::: Data supplied :::

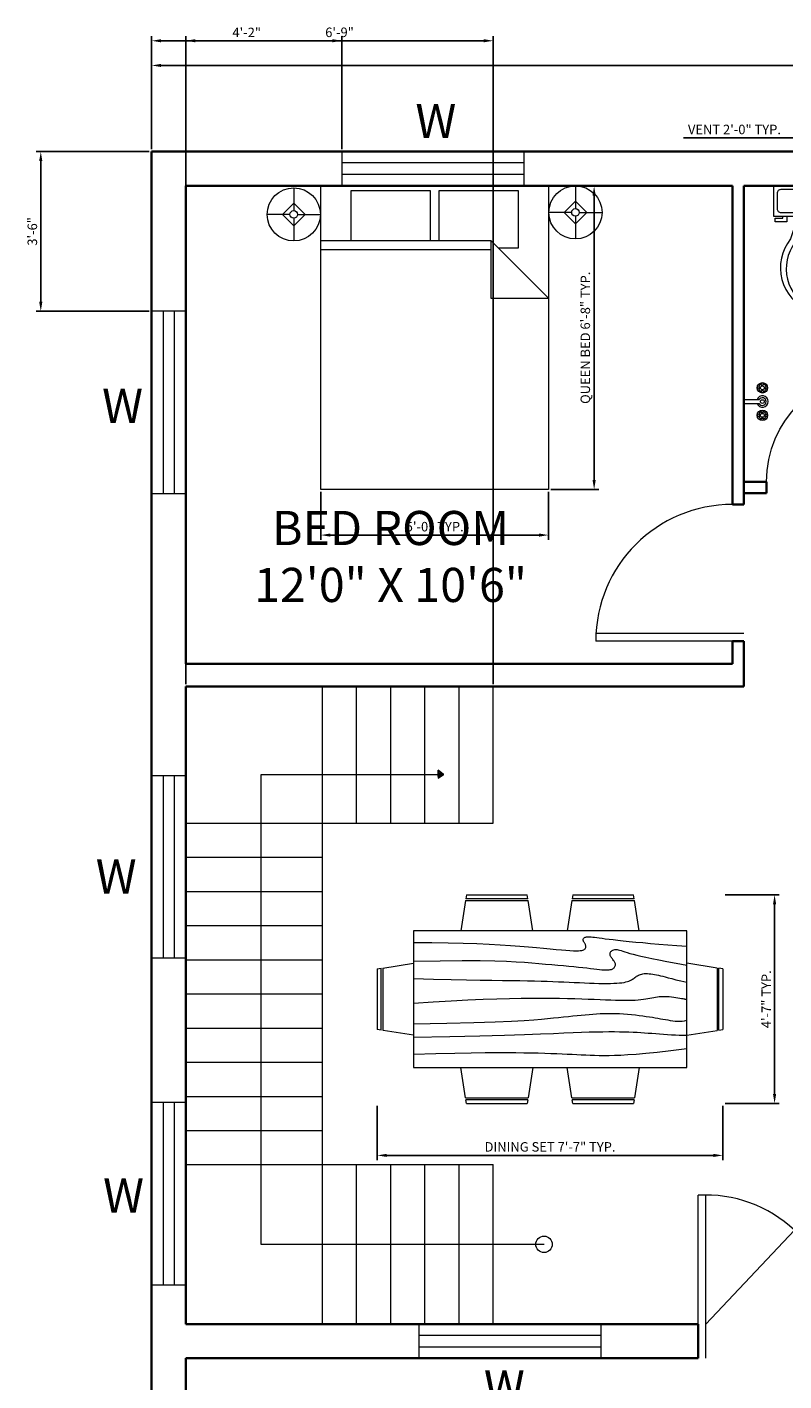
# Model space of a CAD drawing. Units: inches. Extents: x 1642 to 5612, y 1595 to 4064.
# Tile 2 of 6: x 1642 to 1842, y 1811 to 2168. Entities that reach past the tile are written whole.
import ezdxf

# ---------------------------------------------------------------- set-up
doc = ezdxf.new("R2010")
doc.units = ezdxf.units.IN
for name, color, linetype, lineweight in [('A-ANNO-DIMS', 2, 'Continuous', 18), ('A-ANNO-SYMB', 2, 'Continuous', 13), ('A-ANNO-TEXT', 7, 'Continuous', 18), ('A-AREA-IDEN', 7, 'Continuous', 25), ('A-DOOR', 3, 'Continuous', 18), ('A-FLOR-FIXT', 9, 'Continuous', 18), ('A-FLOR-STRS', 7, 'Continuous', 18), ('A-FURN', 8, 'Continuous', 13), ('A-GLAZ', 4, 'Continuous', 18), ('A-WALL', 7, 'Continuous', 35)]:
    doc.layers.add(name, color=color, linetype=linetype, lineweight=lineweight)
doc.styles.get("Standard").update_dxf_attribs({"font": 'arial.ttf'})
doc.dimstyles.new('ISO-25', dxfattribs={"dimtxt": 2.5, "dimasz": 2.5, "dimexe": 1.25, "dimexo": 0.625, "dimtad": 1, "dimdec": 0, "dimlunit": 3, "dimtxsty": 'Standard', "dimcen": 2.5, "dimadec": 0, "dimazin": 0, "dimtfac": 1, "dimtdec": 0, "dimtmove": 0, "dimatfit": 3, "dimfxl": 1, "dimarcsym": 0})

# ---------------------------------------------------------------- blocks, each defined once
blk = doc.blocks.new('Toilet - top')
for p, q in [((9.5, -6), (9.5, -2)), ((-10, -8.5), (-8, -8.5)), ((-10, -9.5), (-10, -8.5)), ((-7, -9.5), (-10, -9.5)), ((-8, -8.5), (-8, -8)), ((-7, -8), (-7, -9.5)), ((-4, -8), (-6, -14)), ((4, -8), (6, -14)), ((4, -14), (-4, -14))]:
    blk.add_line(p, q)
blk.add_lwpolyline([(10.5, -8), (10.5, 0), (-10.5, 0), (-10.5, -8)], close=True)
for points in [[(-9.5, -2), (-9.5, -6)], [(8.5, -1), (-8.5, -1)], [(-8.5, -7), (8.5, -7)]]:
    blk.add_lwpolyline(points)
for centre, radius, start, end in [((-8.62, -1.88), 0.884, 81.8699, 188.1301), ((8.62, -1.88), 0.884, 351.8699, 98.1301), ((-8.62, -6.12), 0.884, 171.8699, 278.1301), ((8.62, -6.12), 0.884, 261.8699, 8.1301), ((3.52, -21.58), 12.17, 141.4691, 247.9714), ((4.2, -21.82), 11.33, 136.3677, 238.9468), ((-3.52, -21.58), 12.17, 292.0284, 38.5307), ((-4.2, -21.82), 11.33, 301.053, 43.6321), ((0, -27.88), 4, 245.7318, 294.2682), ((0, -29), 4, 254.8605, 285.1395)]:
    blk.add_arc(centre, radius, start, end)
blk = doc.blocks.new('Faucet - Bathroom top')
for p, q in [((-4.107, 0.125), (-4.375, 0.125)), ((-3.75, 0.4788), (-3.75, 0.75)), ((-3.5, 0.482), (-3.5, 0.75)), ((-3.1461, 0.125), (-2.875, 0.125)), ((3.143, 0.125), (2.875, 0.125)), ((3.5, 0.4788), (3.5, 0.75)), ((3.75, 0.482), (3.75, 0.75)), ((4.1039, 0.125), (4.375, 0.125)), ((-4.1039, -0.125), (-4.375, -0.125)), ((-3.75, -0.4821), (-3.75, -0.75)), ((-3.5, -0.4789), (-3.5, -0.75)), ((-3.143, -0.125), (-2.875, -0.125)), ((-0.5, -0.8639), (-0.5, -4.5)), ((0.5, -4.5), (0.5, -0.8631)), ((3.1461, -0.125), (2.875, -0.125)), ((3.5, -0.4821), (3.5, -0.75)), ((3.75, -0.4789), (3.75, -0.75)), ((4.107, -0.125), (4.375, -0.125))]:
    blk.add_line(p, q)
for centre, radius in [((-3.625, 0), 1.375), ((-4.625, 0), 0.2795), ((-3.625, 0), 0.5), ((-3.625, 1), 0.2795), ((-2.625, 0), 0.2795), ((0, 0), 0.5), ((3.625, 0), 1.375), ((2.625, 0), 0.2795), ((3.625, 0), 0.5), ((3.625, 1), 0.2795), ((4.625, 0), 0.2795), ((-3.625, -1), 0.2795), ((3.625, -1), 0.2795)]:
    blk.add_circle(centre, radius)
for centre, radius, start, end in [((-3.625, 0), 1, 105.2407, 164.2093), ((-3.625, 0), 1, 16.44125, 74.07887), ((0, 0), 1.5, 289.6514, 250.3603), ((0, 0), 1, 300.3431, 239.7554), ((3.625, 0), 1, 106.12, 164.0884), ((3.625, 0), 1, 16.23422, 73.90469), ((-3.625, 0), 1, 196.2342, 253.9047), ((-3.625, 0), 1, 286.12, 344.0884), ((3.625, 0), 1, 196.4413, 254.0789), ((3.625, 0), 1, 285.2407, 344.2093), ((0, -4.5), 0.5, 180, 0)]:
    blk.add_arc(centre, radius, start, end)
blk = doc.blocks.new('Bed - Queen')
for p, q in [((0, -80.00003), (0, 0)), ((0, 0), (59.99999, 0)), ((59.99999, 0), (59.99999, -80.00003)), ((7.99999, -1.2), (28.79998, -1.2)), ((7.99999, -14.4), (7.99999, -1.2)), ((28.79998, -1.2), (28.79998, -14.4)), ((31.19999, -1.2), (51.99999, -1.2)), ((31.19999, -14.4), (31.19999, -1.2)), ((51.99999, -1.2), (51.99999, -16.4)), ((0, -14.4), (44.8, -14.4)), ((44.8, -16.8), (0, -16.8)), ((59.99999, -29.6), (44.8, -14.4)), ((44.8, -14.4), (44.8, -29.6)), ((51.99999, -16.4), (46.79936, -16.4)), ((44.8, -29.6), (59.99999, -29.6)), ((59.99999, -80.00003), (0, -80.00003))]:
    blk.add_line(p, q)
blk = doc.blocks.new('Lamp - Table')
for p, q in [((0, 7), (0, 1)), ((-1, 0), (-7, 0)), ((0, 3), (-3, 0)), ((-3, 0), (0, -3)), ((3, 0), (0, 3)), ((0, -3), (3, 0)), ((1, 0), (7, 0)), ((0, -1), (0, -7))]:
    blk.add_line(p, q)
for radius in [7, 1]:
    blk.add_circle((0, 0), radius)
blk = doc.blocks.new('Dining Set - 36 x 72 in.')
for p, q in [((-22.2343, 26.00059), (-23.4847, 17.99762)), ((-22.2304, 26), (-5.7608, 26)), ((-22, 27.5), (-22.1562, 26.50042)), ((-5.8416, 26.5), (-22.1534, 26.5)), ((-22, 27.5), (-6, 27.5)), ((-5.8437, 26.49966), (-6, 27.5)), ((-4.5152, 17.99762), (-5.7655, 25.99926)), ((5.7657, 26.00059), (4.5153, 17.99762)), ((5.7696, 26), (22.2392, 26)), ((6, 27.5), (5.8438, 26.50042)), ((22.1584, 26.5), (5.8466, 26.5)), ((6, 27.5), (22, 27.5)), ((22.1563, 26.49966), (22, 27.5)), ((23.4848, 17.99762), (22.2345, 25.99926)), ((36, 18), (-36, 18)), ((-36, 18), (-36, -18)), ((36, -18), (36, 18)), ((-45.5, 8), (-44.5004, 8.15617)), ((-45.5, 8), (-45.5, -8)), ((-44.5, -8.15843), (-44.5, 8.15338)), ((-44.0006, 8.23428), (-35.9976, 9.48474)), ((-44, 8.23041), (-44, -8.23915)), ((44.0006, 8.23428), (35.9976, 9.48474)), ((44, 8.23041), (44, -8.23915)), ((44.5, -8.15843), (44.5, 8.15338)), ((45.5, 8), (44.5005, 8.15617)), ((45.5, 8), (45.5, -8)), ((-44.4997, -8.15631), (-45.5, -8)), ((-35.9976, -9.48476), (-43.9993, -8.2345)), ((35.9976, -9.48476), (43.9993, -8.2345)), ((44.4997, -8.15631), (45.5, -8)), ((-36, -18), (36, -18)), ((-22.2343, -26.0006), (-23.4847, -17.99762)), ((-4.5152, -17.99762), (-5.7655, -25.99928)), ((5.7657, -26.0006), (4.5153, -17.99762)), ((23.4848, -17.99762), (22.2345, -25.99928)), ((-22.2304, -26), (-5.7608, -26)), ((-22, -27.5), (-22.1562, -26.50044)), ((-5.8416, -26.5), (-22.1534, -26.5)), ((-22, -27.5), (-6, -27.5)), ((-5.8437, -26.49967), (-6, -27.5)), ((5.7696, -26), (22.2392, -26)), ((6, -27.5), (5.8438, -26.50044)), ((22.1584, -26.5), (5.8466, -26.5)), ((6, -27.5), (22, -27.5)), ((22.1563, -26.49967), (22, -27.5))]:
    blk.add_line(p, q)
for points in [[(-36, 15), (-31.1772, 14.97754), (-26.8079, 14.91406), (-22.8538, 14.81543), (-19.276, 14.6875), (-16.0362, 14.53613), (-13.0957, 14.36718), (-10.4159, 14.18652), (-7.9583, 14), (-5.6904, 13.81315), (-3.6035, 13.63021), (-1.6954, 13.45508), (0.0365, 13.29166), (1.5945, 13.14388), (2.9811, 13.01562), (4.1988, 12.9108), (5.25, 12.83333), (6.1393, 12.78613), (6.8802, 12.76823), (7.4883, 12.77767), (7.9792, 12.8125), (8.3685, 12.87077), (8.6719, 12.95052), (8.9049, 13.0498), (9.0833, 13.16666), (9.2205, 13.29899), (9.3216, 13.44401), (9.3895, 13.59879), (9.4271, 13.76041), (9.4373, 13.92594), (9.4232, 14.09245), (9.3875, 14.257), (9.3333, 14.41666), (9.2638, 14.56917), (9.1836, 14.71484), (9.0975, 14.85465), (9.0104, 14.98958), (8.9272, 15.1206), (8.8529, 15.2487), (8.7922, 15.37483), (8.75, 15.5), (8.7305, 15.62467), (8.7344, 15.74739), (8.7617, 15.86621), (8.8125, 15.97916), (8.8867, 16.08431), (8.9844, 16.17968), (9.1055, 16.26334), (9.25, 16.33333), (9.4189, 16.38802), (9.6172, 16.42708), (9.8506, 16.45052), (10.125, 16.45833), (10.4463, 16.45052), (10.8203, 16.42708), (11.2529, 16.38802), (11.75, 16.33333), (12.3184, 16.26318), (12.9694, 16.17838), (13.7151, 16.07991), (14.5677, 15.96875), (15.5395, 15.84586), (16.6426, 15.71224), (17.8893, 15.56884), (19.2917, 15.41666), (20.859, 15.25667), (22.5879, 15.08984), (24.4721, 14.91715), (26.5052, 14.73958), (28.6809, 14.5581), (30.9929, 14.3737), (33.4347, 14.18733), (36, 14)], [(-36, 10), (-28.9766, 10.14274), (-23.1725, 10.20442), (-18.4241, 10.19775), (-14.5677, 10.13541), (-11.4399, 10.03011), (-8.877, 9.89453), (-6.7154, 9.74137), (-4.7917, 9.58333), (-2.9698, 9.43082), (-1.2246, 9.28515), (0.4415, 9.14534), (2.026, 9.01041), (3.5266, 8.87939), (4.9408, 8.7513), (6.266, 8.62516), (7.5, 8.5), (8.6411, 8.37549), (9.6914, 8.2539), (10.6538, 8.13818), (11.5312, 8.03125), (12.3267, 7.93603), (13.043, 7.85547), (13.6831, 7.79248), (14.25, 7.75), (14.7471, 7.7303), (15.1797, 7.73307), (15.5537, 7.75732), (15.875, 7.80208), (16.1494, 7.86637), (16.3828, 7.94922), (16.5811, 8.04964), (16.75, 8.16666), (16.8944, 8.29915), (17.0143, 8.44531), (17.1089, 8.60319), (17.1771, 8.77083), (17.218, 8.94629), (17.2305, 9.1276), (17.2137, 9.31282), (17.1667, 9.5), (17.0895, 9.6875), (16.987, 9.875), (16.8649, 10.0625), (16.7292, 10.25), (16.5856, 10.4375), (16.4401, 10.625), (16.2985, 10.8125), (16.1667, 11), (16.05, 11.18733), (15.9518, 11.3737), (15.8752, 11.5581), (15.8229, 11.73958), (15.798, 11.91715), (15.8034, 12.08984), (15.842, 12.25667), (15.9167, 12.41666), (16.0295, 12.56836), (16.1784, 12.70833), (16.3605, 12.83268), (16.5729, 12.9375), (16.8127, 13.01888), (17.0768, 13.07291), (17.3625, 13.0957), (17.6667, 13.08333), (17.9894, 13.03312), (18.3418, 12.94726), (18.7382, 12.82918), (19.1927, 12.68229), (19.7195, 12.51001), (20.3327, 12.31575), (21.0465, 12.10294), (21.875, 11.875), (22.8357, 11.63354), (23.959, 11.37304), (25.2786, 11.08618), (26.8282, 10.76562), (28.6414, 10.40405), (30.752, 9.99414), (33.1936, 9.52856), (36, 9)], [(-36, 5.5), (-30.7157, 5.3348), (-26.069, 5.20963), (-21.9946, 5.11767), (-18.4271, 5.05208), (-15.3009, 5.00602), (-12.5508, 4.97265), (-10.1112, 4.94515), (-7.9167, 4.91666), (-5.909, 4.88167), (-4.0586, 4.83984), (-2.3429, 4.79215), (-0.7396, 4.73958), (0.7739, 4.6831), (2.22, 4.6237), (3.6213, 4.56233), (5, 4.5), (6.373, 4.43782), (7.7344, 4.3776), (9.0723, 4.32129), (10.375, 4.27083), (11.6309, 4.22819), (12.8281, 4.19531), (13.9551, 4.17415), (15, 4.16666), (15.954, 4.17448), (16.819, 4.19791), (17.6001, 4.23698), (18.3021, 4.29166), (18.9299, 4.36198), (19.4883, 4.44791), (19.9823, 4.54948), (20.4167, 4.66666), (20.7969, 4.79899), (21.1302, 4.94401), (21.4245, 5.09879), (21.6875, 5.26041), (21.9271, 5.42594), (22.1511, 5.59245), (22.3672, 5.757), (22.5834, 5.91666), (22.8065, 6.06868), (23.0404, 6.21093), (23.2879, 6.34147), (23.5521, 6.45833), (23.8358, 6.55957), (24.142, 6.64323), (24.4735, 6.70735), (24.8334, 6.75), (25.2235, 6.76969), (25.642, 6.76692), (26.0858, 6.74267), (26.5521, 6.69791), (27.0379, 6.63362), (27.5404, 6.55078), (28.0565, 6.45036), (28.5834, 6.33333), (29.1242, 6.19987), (29.7071, 6.04687), (30.3661, 5.87044), (31.1354, 5.66666), (32.0493, 5.43164), (33.142, 5.16146), (34.4475, 4.85221), (36, 4.5)], [(-36, -1), (-30.7915, -0.6591), (-26.0195, -0.38216), (-21.6519, -0.16284), (-17.6563, 0.00521), (-14.0005, 0.12833), (-10.6523, 0.21289), (-7.5796, 0.26522), (-4.75, 0.29166), (-2.134, 0.29793), (0.2878, 0.28711), (2.5317, 0.26163), (4.6146, 0.22396), (6.5529, 0.17651), (8.3633, 0.12174), (10.0623, 0.06209), (11.6667, 0), (13.1899, -0.06201), (14.6341, -0.1211), (15.9982, -0.17432), (17.2813, -0.21875), (18.4823, -0.25147), (19.6003, -0.26953), (20.6343, -0.27002), (21.5834, -0.25), (22.4481, -0.20768), (23.2357, -0.14584), (23.9549, -0.06836), (24.6146, 0.02083), (25.2235, 0.11784), (25.7904, 0.21875), (26.3241, 0.31966), (26.8334, 0.41666), (27.3265, 0.50618), (27.8099, 0.58593), (28.2894, 0.65397), (28.7709, 0.70833), (29.2601, 0.74707), (29.763, 0.76823), (30.2855, 0.76985), (30.8334, 0.75), (31.4088, 0.70784), (31.9994, 0.64713), (32.589, 0.57275), (33.1615, 0.48958), (33.7008, 0.4025), (34.1908, 0.3164), (34.6153, 0.23616), (34.9584, 0.16666), (35.2099, 0.11165), (35.3848, 0.07031), (35.504, 0.04069), (35.5886, 0.02083), (35.6594, 0.00879), (35.7377, 0.0026), (35.8442, 0.00032), (36, 0)], [(-36, -6.5), (-27.1843, -6.31267), (-20.084, -6.1263), (-14.469, -5.9419), (-10.1094, -5.76042), (-6.7752, -5.58285), (-4.2363, -5.41016), (-2.2629, -5.24333), (-0.625, -5.08334), (0.8708, -4.93099), (2.2715, -4.78646), (3.5872, -4.64974), (4.8281, -4.52084), (6.0046, -4.39974), (7.127, -4.28646), (8.2053, -4.18099), (9.25, -4.08334), (10.2705, -3.99382), (11.2734, -3.91407), (12.2647, -3.84603), (13.25, -3.79167), (14.2354, -3.75293), (15.2266, -3.73177), (16.2295, -3.73015), (17.25, -3.75), (18.2912, -3.79248), (19.3451, -3.85547), (20.4009, -3.93604), (21.4479, -4.03125), (22.4754, -4.13819), (23.4727, -4.25391), (24.4289, -4.37549), (25.3334, -4.5), (26.1785, -4.62492), (26.9694, -4.74935), (27.7145, -4.87281), (28.4219, -4.99479), (29.1, -5.11483), (29.7572, -5.23242), (30.4016, -5.34709), (31.0417, -5.45834), (31.6837, -5.56437), (32.3262, -5.65821), (32.9658, -5.73153), (33.599, -5.77604), (34.2224, -5.78345), (34.8327, -5.74545), (35.4264, -5.65373), (36, -5.5)], [(-36, -10), (-26.4022, -9.81299), (-18.4675, -9.62891), (-11.9839, -9.45069), (-6.7396, -9.28125), (-2.5226, -9.12354), (0.8789, -8.98047), (3.6769, -8.85498), (6.0833, -8.75), (8.2767, -8.66765), (10.3021, -8.60677), (12.1712, -8.56543), (13.8958, -8.54167), (15.4876, -8.53353), (16.9583, -8.53907), (18.3197, -8.55632), (19.5834, -8.58334), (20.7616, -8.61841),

:::

Task directions
Take the records from their first line through the line containing "doc.units = ezdxf.units.IN" and please return exactly those lines, both ends included, minus the pictures.

Your solution
# Model space of a CAD drawing. Units: inches. Extents: x 1642 to 5612, y 1595 to 4064.
# Tile 2 of 6: x 1642 to 1842, y 1811 to 2168. Entities that reach past the tile are written whole.
import ezdxf

# ---------------------------------------------------------------- set-up
doc = ezdxf.new("R2010")
doc.units = ezdxf.units.IN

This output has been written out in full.